* PROBLEM *
Every line in the following data that has "project" counts toward the total; state that total alone.

* RECORD EXCERPTS *

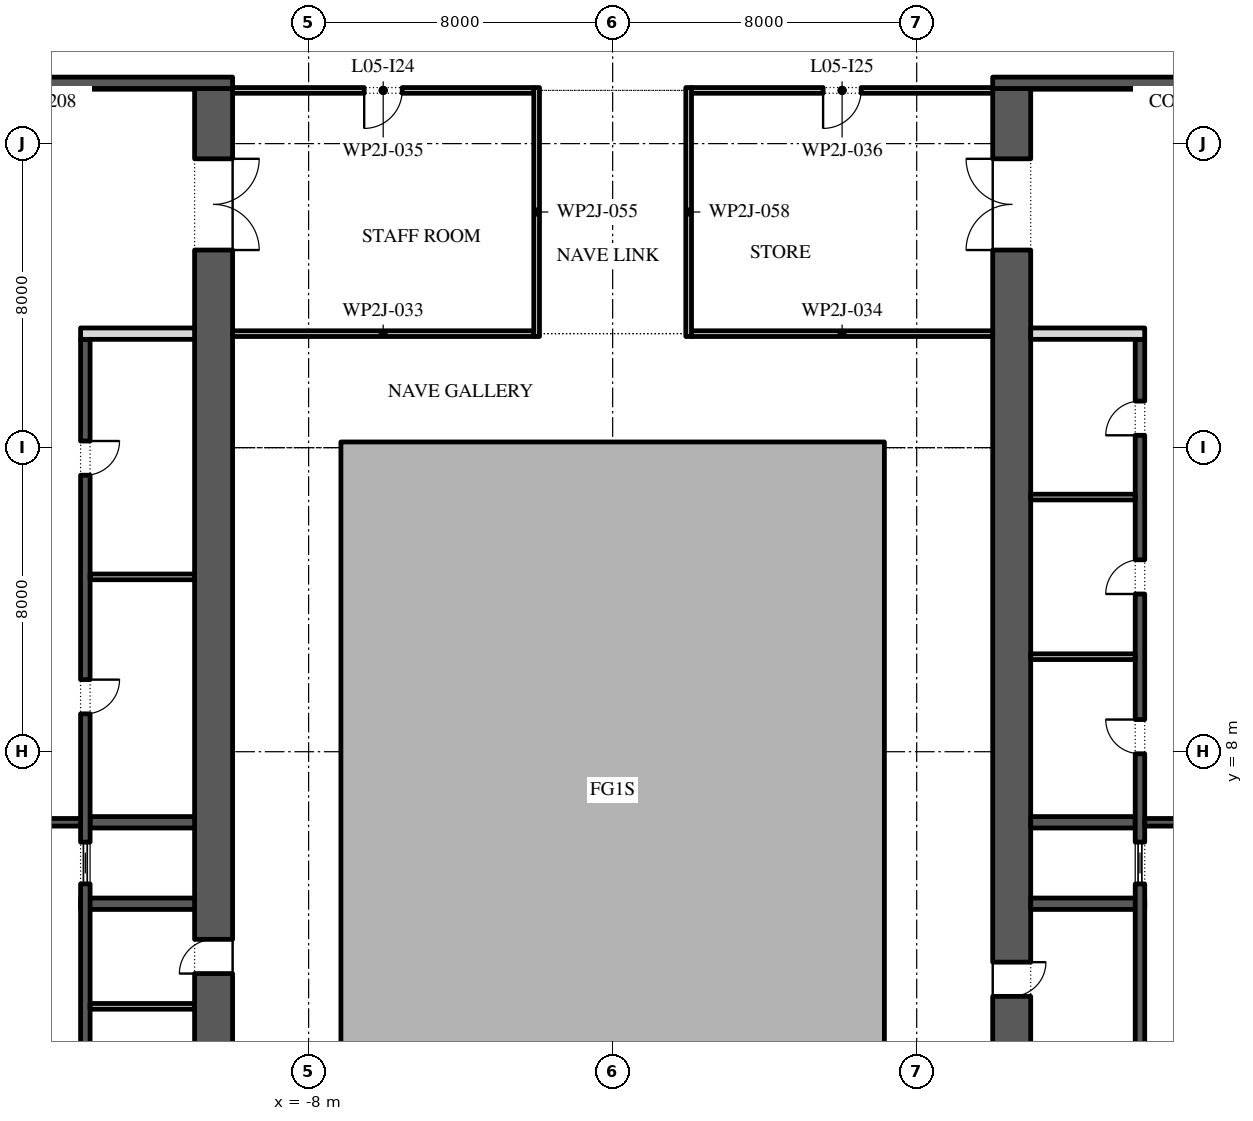
"""IFC4 building model, lengths in metres.
Left out: names, types, materials, properties, quantities, classifications, styles, units other than length and angle.
Written with IfcOpenShell. Run it as: python <this file> out.ifc"""

import sys

from ifc_helpers import new_model, si_unit, direction, frame, frame_2d, origin, place, context, subcontext, project, spatial, polyline, rectangle, outline, extrude, element, fill, save


model = new_model("IFC4")
c1 = context("Model", 3, precision=1e-05, world=origin(), true_north=direction((0.0, 1.0)))
c2 = subcontext(c1, "Body", "Model", "MODEL_VIEW")
j1 = project(units=[si_unit("LENGTHUNIT", "METRE"), si_unit("PLANEANGLEUNIT", "RADIAN")], contexts=[c1])
p1 = place(None, origin())
s1 = spatial("IfcSite", under=j1, at=p1, CompositionType="ELEMENT")
p2 = place(p1, origin())
s2 = spatial("IfcBuilding", under=s1, at=p2, CompositionType="ELEMENT")
p3 = place(p2, frame((0.0, 0.0, 28.8)))
s3 = spatial("IfcBuildingStorey", under=s2, at=p3, CompositionType="ELEMENT", Elevation=28.8)
p4 = place(p3, origin())
e1 = element("IfcWall", 1, at=p4, inside=s3, PredefinedType="STANDARD", context=c2, shape_type="SweptSolid", body=[
    extrude(outline(polyline([(-7.15, -2.15), (7.15, -2.15), (7.15, 16.15), (-7.15, 16.15), (-7.15, -2.15)]), holes=[polyline([(-7.0, -2.0), (-7.0, 16.0), (7.0, 16.0), (7.0, -2.0), (-7.0, -2.0)])]), origin(), (0.0, 0.0, 1.0), 4.35),
])
p5 = place(p3, frame((-10.5, -2.45, 0.0), z_axis=(0.0, 0.0, 1.0), x_axis=(0.0, 1.0, 0.0)))
e2 = element("IfcWall", 2, at=p5, inside=s3, PredefinedType="SHEAR", context=c2, shape_type="SweptSolid", body=[
    extrude(rectangle(XDim=27.9, YDim=1.0, at=frame_2d((13.95, 0.0))), origin(), (0.0, 0.0, 1.0), 4.35),
])
p6 = place(p5, frame((23.65, 0.0, 0.0)))
e3 = element("IfcOpeningElement", 3, at=p6, cuts=e2, PredefinedType="OPENING", context=c2, shape_type="SweptSolid", body=[
    extrude(rectangle(XDim=2.4, YDim=2.1, at=frame_2d((1.2, 1.05))), frame((0.0, 0.51, 0.0), z_axis=(0.0, -1.0, 0.0), x_axis=(1.0, 0.0, 0.0)), (0.0, 0.0, 1.0), 1.02),
])
p7 = place(p5, frame((1.387, 0.0, 0.0)))
e4 = element("IfcOpeningElement", 4, at=p7, cuts=e2, PredefinedType="OPENING", context=c2, shape_type="SweptSolid", body=[
    extrude(rectangle(XDim=0.9, YDim=2.1, at=frame_2d((0.45, 1.05))), frame((0.0, 0.51, 0.0), z_axis=(0.0, -1.0, 0.0), x_axis=(1.0, 0.0, 0.0)), (0.0, 0.0, 1.0), 1.02),
])
p8 = place(p5, frame((4.613, 0.0, 0.0)))
e5 = element("IfcOpeningElement", 5, at=p8, cuts=e2, PredefinedType="OPENING", context=c2, shape_type="SweptSolid", body=[
    extrude(rectangle(XDim=0.9, YDim=2.1, at=frame_2d((0.45, 1.05))), frame((0.0, 0.51, 0.0), z_axis=(0.0, -1.0, 0.0), x_axis=(1.0, 0.0, 0.0)), (0.0, 0.0, 1.0), 1.02),
])
p9 = place(p3, frame((-22.0, 25.6, 0.0), z_axis=(0.0, 0.0, 1.0), x_axis=(1.0, 0.0, 0.0)))
e6 = element("IfcWall", 6, at=p9, inside=s3, PredefinedType="SHEAR", context=c2, shape_type="SweptSolid", body=[
    extrude(rectangle(XDim=12.0, YDim=0.3, at=frame_2d((6.0, 0.0))), origin(), (0.0, 0.0, 1.0), 4.35),
])
p10 = place(p3, frame((-14.0, 4.0, 0.0), z_axis=(0.0, 0.0, 1.0), x_axis=(1.0, 0.0, 0.0)))
e7 = element("IfcWall", 7, at=p10, inside=s3, PredefinedType="SHEAR", context=c2, shape_type="SweptSolid", body=[
    extrude(rectangle(XDim=3.0, YDim=0.3, at=frame_2d((1.5, 0.0))), origin(), (0.0, 0.0, 1.0), 4.35),
])
p11 = place(p3, frame((-13.75, 6.143, 0.0), z_axis=(0.0, 0.0, 1.0), x_axis=(1.0, 0.0, 0.0)))
e8 = element("IfcWall", 8, at=p11, inside=s3, PredefinedType="SHEAR", context=c2, shape_type="SweptSolid", body=[
    extrude(rectangle(XDim=2.75, YDim=0.3, at=frame_2d((1.375, 0.0))), origin(), (0.0, 0.0, 1.0), 4.35),
])
p12 = place(p3, frame((-13.875, -2.45, 0.0), z_axis=(0.0, 0.0, 1.0), x_axis=(0.0, 1.0, 0.0)))
e9 = element("IfcWall", 9, at=p12, inside=s3, PredefinedType="SHEAR", context=c2, shape_type="SweptSolid", body=[
    extrude(rectangle(XDim=21.3, YDim=0.25, at=frame_2d((10.65, 0.0))), origin(), (0.0, 0.0, 1.0), 4.35),
])
p13 = place(p12, frame((11.446, 0.0, 0.0)))
e10 = element("IfcOpeningElement", 10, at=p13, cuts=e9, PredefinedType="OPENING", context=c2, shape_type="SweptSolid", body=[
    extrude(rectangle(XDim=0.9, YDim=2.1, at=frame_2d((0.45, 1.05))), frame((0.0, 0.135, 0.0), z_axis=(0.0, -1.0, 0.0), x_axis=(1.0, 0.0, 0.0)), (0.0, 0.0, 1.0), 0.27),
])
p14 = place(p12, frame((17.725, 0.0, 0.0)))
e11 = element("IfcOpeningElement", 11, at=p14, cuts=e9, PredefinedType="OPENING", context=c2, shape_type="SweptSolid", body=[
    extrude(rectangle(XDim=0.9, YDim=2.1, at=frame_2d((0.45, 1.05))), frame((0.0, 0.135, 0.0), z_axis=(0.0, -1.0, 0.0), x_axis=(1.0, 0.0, 0.0)), (0.0, 0.0, 1.0), 0.27),
])
p15 = place(p12, frame((6.971, 0.0, 0.0)))
e12 = element("IfcOpeningElement", 12, at=p15, cuts=e9, PredefinedType="OPENING", context=c2, shape_type="SweptSolid", body=[
    extrude(rectangle(XDim=1.1, YDim=2.1, at=frame_2d((0.55, 1.05))), frame((0.0, 0.135, 0.0), z_axis=(0.0, -1.0, 0.0), x_axis=(1.0, 0.0, 0.0)), (0.0, 0.0, 1.0), 0.27),
])
p16 = place(p3, frame((-14.0, 19.0, 0.0), z_axis=(0.0, 0.0, 1.0), x_axis=(1.0, 0.0, 0.0)))
e13 = element("IfcWall", 13, at=p16, inside=s3, PredefinedType="PARTITIONING", context=c2, shape_type="SweptSolid", body=[
    extrude(rectangle(XDim=3.0, YDim=0.3, at=frame_2d((1.5, 0.0))), origin(), (0.0, 0.0, 1.0), 4.35),
])
p17 = place(p3, frame((-13.75, 12.6, 0.0), z_axis=(0.0, 0.0, 1.0), x_axis=(1.0, 0.0, 0.0)))
e14 = element("IfcWall", 14, at=p17, inside=s3, PredefinedType="PARTITIONING", context=c2, shape_type="SweptSolid", body=[
    extrude(rectangle(XDim=2.75, YDim=0.15, at=frame_2d((1.375, 0.0))), origin(), (0.0, 0.0, 1.0), 4.35),
])
p18 = place(p3, frame((-18.0, 6.143, 0.0), z_axis=(0.0, 0.0, 1.0), x_axis=(1.0, 0.0, 0.0)))
e15 = element("IfcWall", 15, at=p18, inside=s3, PredefinedType="SHEAR", context=c2, shape_type="SweptSolid", body=[
    extrude(rectangle(XDim=4.0, YDim=0.2, at=frame_2d((2.0, 0.0))), origin(), (0.0, 0.0, 1.0), 4.35),
])
p19 = place(p18, frame((1.4, 0.0, 0.0)))
e16 = element("IfcOpeningElement", 16, at=p19, cuts=e15, PredefinedType="OPENING", context=c2, shape_type="SweptSolid", body=[
    extrude(rectangle(XDim=1.2, YDim=2.1, at=frame_2d((0.6, 1.05))), frame((0.0, 0.11, 0.0), z_axis=(0.0, -1.0, 0.0), x_axis=(1.0, 0.0, 0.0)), (0.0, 0.0, 1.0), 0.22),
])
p20 = place(p3, frame((-13.75, 1.3, 0.0), z_axis=(0.0, 0.0, 1.0), x_axis=(1.0, 0.0, 0.0)))
e17 = element("IfcWall", 17, at=p20, inside=s3, PredefinedType="PARTITIONING", context=c2, shape_type="SweptSolid", body=[
    extrude(rectangle(XDim=2.75, YDim=0.15, at=frame_2d((1.375, 0.0))), origin(), (0.0, 0.0, 1.0), 4.35),
])
p21 = place(p3, frame((10.5, -2.45, 0.0), z_axis=(0.0, 0.0, 1.0), x_axis=(0.0, 1.0, 0.0)))
e18 = element("IfcWall", 18, at=p21, inside=s3, PredefinedType="SHEAR", context=c2, shape_type="SweptSolid", body=[
    extrude(rectangle(XDim=27.9, YDim=1.0, at=frame_2d((13.95, 0.0))), origin(), (0.0, 0.0, 1.0), 4.35),
])
p22 = place(p21, frame((23.65, 0.0, 0.0)))
e19 = element("IfcOpeningElement", 19, at=p22, cuts=e18, PredefinedType="OPENING", context=c2, shape_type="SweptSolid", body=[
    extrude(rectangle(XDim=2.4, YDim=2.1, at=frame_2d((1.2, 1.05))), frame((0.0, 0.51, 0.0), z_axis=(0.0, -1.0, 0.0), x_axis=(1.0, 0.0, 0.0)), (0.0, 0.0, 1.0), 1.02),
])
p23 = place(p21, frame((0.788, 0.0, 0.0)))
e20 = element("IfcOpeningElement", 20, at=p23, cuts=e18, PredefinedType="OPENING", context=c2, shape_type="SweptSolid", body=[
    extrude(rectangle(XDim=0.9, YDim=2.1, at=frame_2d((0.45, 1.05))), frame((0.0, 0.51, 0.0), z_axis=(0.0, -1.0, 0.0), x_axis=(1.0, 0.0, 0.0)), (0.0, 0.0, 1.0), 1.02),
])
p24 = place(p21, frame((4.012, 0.0, 0.0)))
e21 = element("IfcOpeningElement", 21, at=p24, cuts=e18, PredefinedType="OPENING", context=c2, shape_type="SweptSolid", body=[
    extrude(rectangle(XDim=0.9, YDim=2.1, at=frame_2d((0.45, 1.05))), frame((0.0, 0.51, 0.0), z_axis=(0.0, -1.0, 0.0), x_axis=(1.0, 0.0, 0.0)), (0.0, 0.0, 1.0), 1.02),
])
p25 = place(p3, frame((10.0, 25.6, 0.0), z_axis=(0.0, 0.0, 1.0), x_axis=(1.0, 0.0, 0.0)))
e22 = element("IfcWall", 22, at=p25, inside=s3, PredefinedType="SHEAR", context=c2, shape_type="SweptSolid", body=[
    extrude(rectangle(XDim=12.0, YDim=0.3, at=frame_2d((6.0, 0.0))), origin(), (0.0, 0.0, 1.0), 4.35),
])
p26 = place(p3, frame((11.0, 4.0, 0.0), z_axis=(0.0, 0.0, 1.0), x_axis=(1.0, 0.0, 0.0)))
e23 = element("IfcWall", 23, at=p26, inside=s3, PredefinedType="SHEAR", context=c2, shape_type="SweptSolid", body=[
    extrude(rectangle(XDim=3.0, YDim=0.3, at=frame_2d((1.5, 0.0))), origin(), (0.0, 0.0, 1.0), 4.35),
])
p27 = place(p3, frame((11.0, 6.143, 0.0), z_axis=(0.0, 0.0, 1.0), x_axis=(1.0, 0.0, 0.0)))
e24 = element("IfcWall", 24, at=p27, inside=s3, PredefinedType="SHEAR", context=c2, shape_type="SweptSolid", body=[
    extrude(rectangle(XDim=2.75, YDim=0.3, at=frame_2d((1.375, 0.0))), origin(), (0.0, 0.0, 1.0), 4.35),
])
p28 = place(p3, frame((13.875, -2.45, 0.0), z_axis=(0.0, 0.0, 1.0), x_axis=(0.0, 1.0, 0.0)))
e25 = element("IfcWall", 25, at=p28, inside=s3, PredefinedType="SHEAR", context=c2, shape_type="SweptSolid", body=[
    extrude(rectangle(XDim=21.3, YDim=0.25, at=frame_2d((10.65, 0.0))), origin(), (0.0, 0.0, 1.0), 4.35),
])
p29 = place(p28, frame((10.396, 0.0, 0.0)))
e26 = element("IfcOpeningElement", 26, at=p29, cuts=e25, PredefinedType="OPENING", context=c2, shape_type="SweptSolid", body=[
    extrude(rectangle(XDim=0.9, YDim=2.1, at=frame_2d((0.45, 1.05))), frame((0.0, 0.135, 0.0), z_axis=(0.0, -1.0, 0.0), x_axis=(1.0, 0.0, 0.0)), (0.0, 0.0, 1.0), 0.27),
])
p30 = place(p28, frame((14.6, 0.0, 0.0)))
e27 = element("IfcOpeningElement", 27, at=p30, cuts=e25, PredefinedType="OPENING", context=c2, shape_type="SweptSolid", body=[
    extrude(rectangle(XDim=0.9, YDim=2.1, at=frame_2d((0.45, 1.05))), frame((0.0, 0.135, 0.0), z_axis=(0.0, -1.0, 0.0), x_axis=(1.0, 0.0, 0.0)), (0.0, 0.0, 1.0), 0.27),
])
p31 = place(p28, frame((18.775, 0.0, 0.0)))
e28 = element("IfcOpeningElement", 28, at=p31, cuts=e25, PredefinedType="OPENING", context=c2, shape_type="SweptSolid", body=[
    extrude(rectangle(XDim=0.9, YDim=2.1, at=frame_2d((0.45, 1.05))), frame((0.0, 0.135, 0.0), z_axis=(0.0, -1.0, 0.0), x_axis=(1.0, 0.0, 0.0)), (0.0, 0.0, 1.0), 0.27),
])
p32 = place(p28, frame((6.971, 0.0, 0.0)))
e29 = element("IfcOpeningElement", 29, at=p32, cuts=e25, PredefinedType="OPENING", context=c2, shape_type="SweptSolid", body=[
    extrude(rectangle(XDim=1.1, YDim=2.1, at=frame_2d((0.55, 1.05))), frame((0.0, 0.135, 0.0), z_axis=(0.0, -1.0, 0.0), x_axis=(1.0, 0.0, 0.0)), (0.0, 0.0, 1.0), 0.27),
])
p33 = place(p3, frame((11.0, 19.0, 0.0), z_axis=(0.0, 0.0, 1.0), x_axis=(1.0, 0.0, 0.0)))
e30 = element("IfcWall", 30, at=p33, inside=s3, PredefinedType="PARTITIONING", context=c2, shape_type="SweptSolid", body=[
    extrude(rectangle(XDim=3.0, YDim=0.3, at=frame_2d((1.5, 0.0))), origin(), (0.0, 0.0, 1.0), 4.35),
])
for number, where, z_axis, x_axis in (
    (31, (11.0, 10.5, 0.0), (0.0, 0.0, 1.0), (1.0, 0.0, 0.0)),
    (32, (11.0, 14.7, 0.0), (0.0, 0.0, 1.0), (1.0, 0.0, 0.0)),
):
    element("IfcWall", number, at=place(p3, frame(where, z_axis=z_axis, x_axis=x_axis)), inside=s3, PredefinedType="PARTITIONING", context=c2, shape_type="SweptSolid", body=[
        extrude(rectangle(XDim=2.75, YDim=0.15, at=frame_2d((1.375, 0.0))), origin(), (0.0, 0.0, 1.0), 4.35),
    ])
p34 = place(p3, frame((14.0, 6.143, 0.0), z_axis=(0.0, 0.0, 1.0), x_axis=(1.0, 0.0, 0.0)))
e33 = element("IfcWall", 33, at=p34, inside=s3, PredefinedType="SHEAR", context=c2, shape_type="SweptSolid", body=[
    extrude(rectangle(XDim=4.0, YDim=0.2, at=frame_2d((2.0, 0.0))), origin(), (0.0, 0.0, 1.0), 4.35),
])
p35 = place(p34, frame((1.4, 0.0, 0.0)))
e34 = element("IfcOpeningElement", 34, at=p35, cuts=e33, PredefinedType="OPENING", context=c2, shape_type="SweptSolid", body=[
    extrude(rectangle(XDim=1.2, YDim=2.1, at=frame_2d((0.6, 1.05))), frame((0.0, 0.11, 0.0), z_axis=(0.0, -1.0, 0.0), x_axis=(1.0, 0.0, 0.0)), (0.0, 0.0, 1.0), 0.22),
])
for number, where, z_axis, x_axis in (
    (35, (-10.0, 19.0, 0.0), (0.0, 0.0, 1.0), (1.0, 0.0, 0.0)),
    (36, (2.075, 19.0, 0.0), (0.0, 0.0, 1.0), (1.0, 0.0, 0.0)),
):
    element("IfcWall", number, at=place(p3, frame(where, z_axis=z_axis, x_axis=x_axis)), inside=s3, PredefinedType="PARTITIONING", context=c2, shape_type="SweptSolid", body=[
        extrude(rectangle(XDim=7.925, YDim=0.15, at=frame_2d((3.962, 0.0))), origin(), (0.0, 0.0, 1.0), 4.35),
    ])
p36 = place(p3, frame((-10.0, 25.4, 0.0), z_axis=(0.0, 0.0, 1.0), x_axis=(1.0, 0.0, 0.0)))
e37 = element("IfcWall", 37, at=p36, inside=s3, PredefinedType="PARTITIONING", context=c2, shape_type="SweptSolid", body=[
    extrude(rectangle(XDim=7.925, YDim=0.15, at=frame_2d((3.962, 0.0))), origin(), (0.0, 0.0, 1.0), 4.35),
])
p37 = place(p36, frame((3.462, 0.0, 0.0)))
e38 = element("IfcOpeningElement", 38, at=p37, cuts=e37, PredefinedType="OPENING", context=c2, shape_type="SweptSolid", body=[
    extrude(rectangle(XDim=1.0, YDim=2.1, at=frame_2d((0.5, 1.05))), frame((0.0, 0.085, 0.0), z_axis=(0.0, -1.0, 0.0), x_axis=(1.0, 0.0, 0.0)), (0.0, 0.0, 1.0), 0.17),
])
p38 = place(p3, frame((2.075, 25.4, 0.0), z_axis=(0.0, 0.0, 1.0), x_axis=(1.0, 0.0, 0.0)))
e39 = element("IfcWall", 39, at=p38, inside=s3, PredefinedType="PARTITIONING", context=c2, shape_type="SweptSolid", body=[
    extrude(rectangle(XDim=7.925, YDim=0.15, at=frame_2d((3.962, 0.0))), origin(), (0.0, 0.0, 1.0), 4.35),
])
p39 = place(p38, frame((3.462, 0.0, 0.0)))
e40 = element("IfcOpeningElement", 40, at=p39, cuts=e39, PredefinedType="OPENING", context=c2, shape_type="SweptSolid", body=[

* FINAL ANSWER *
2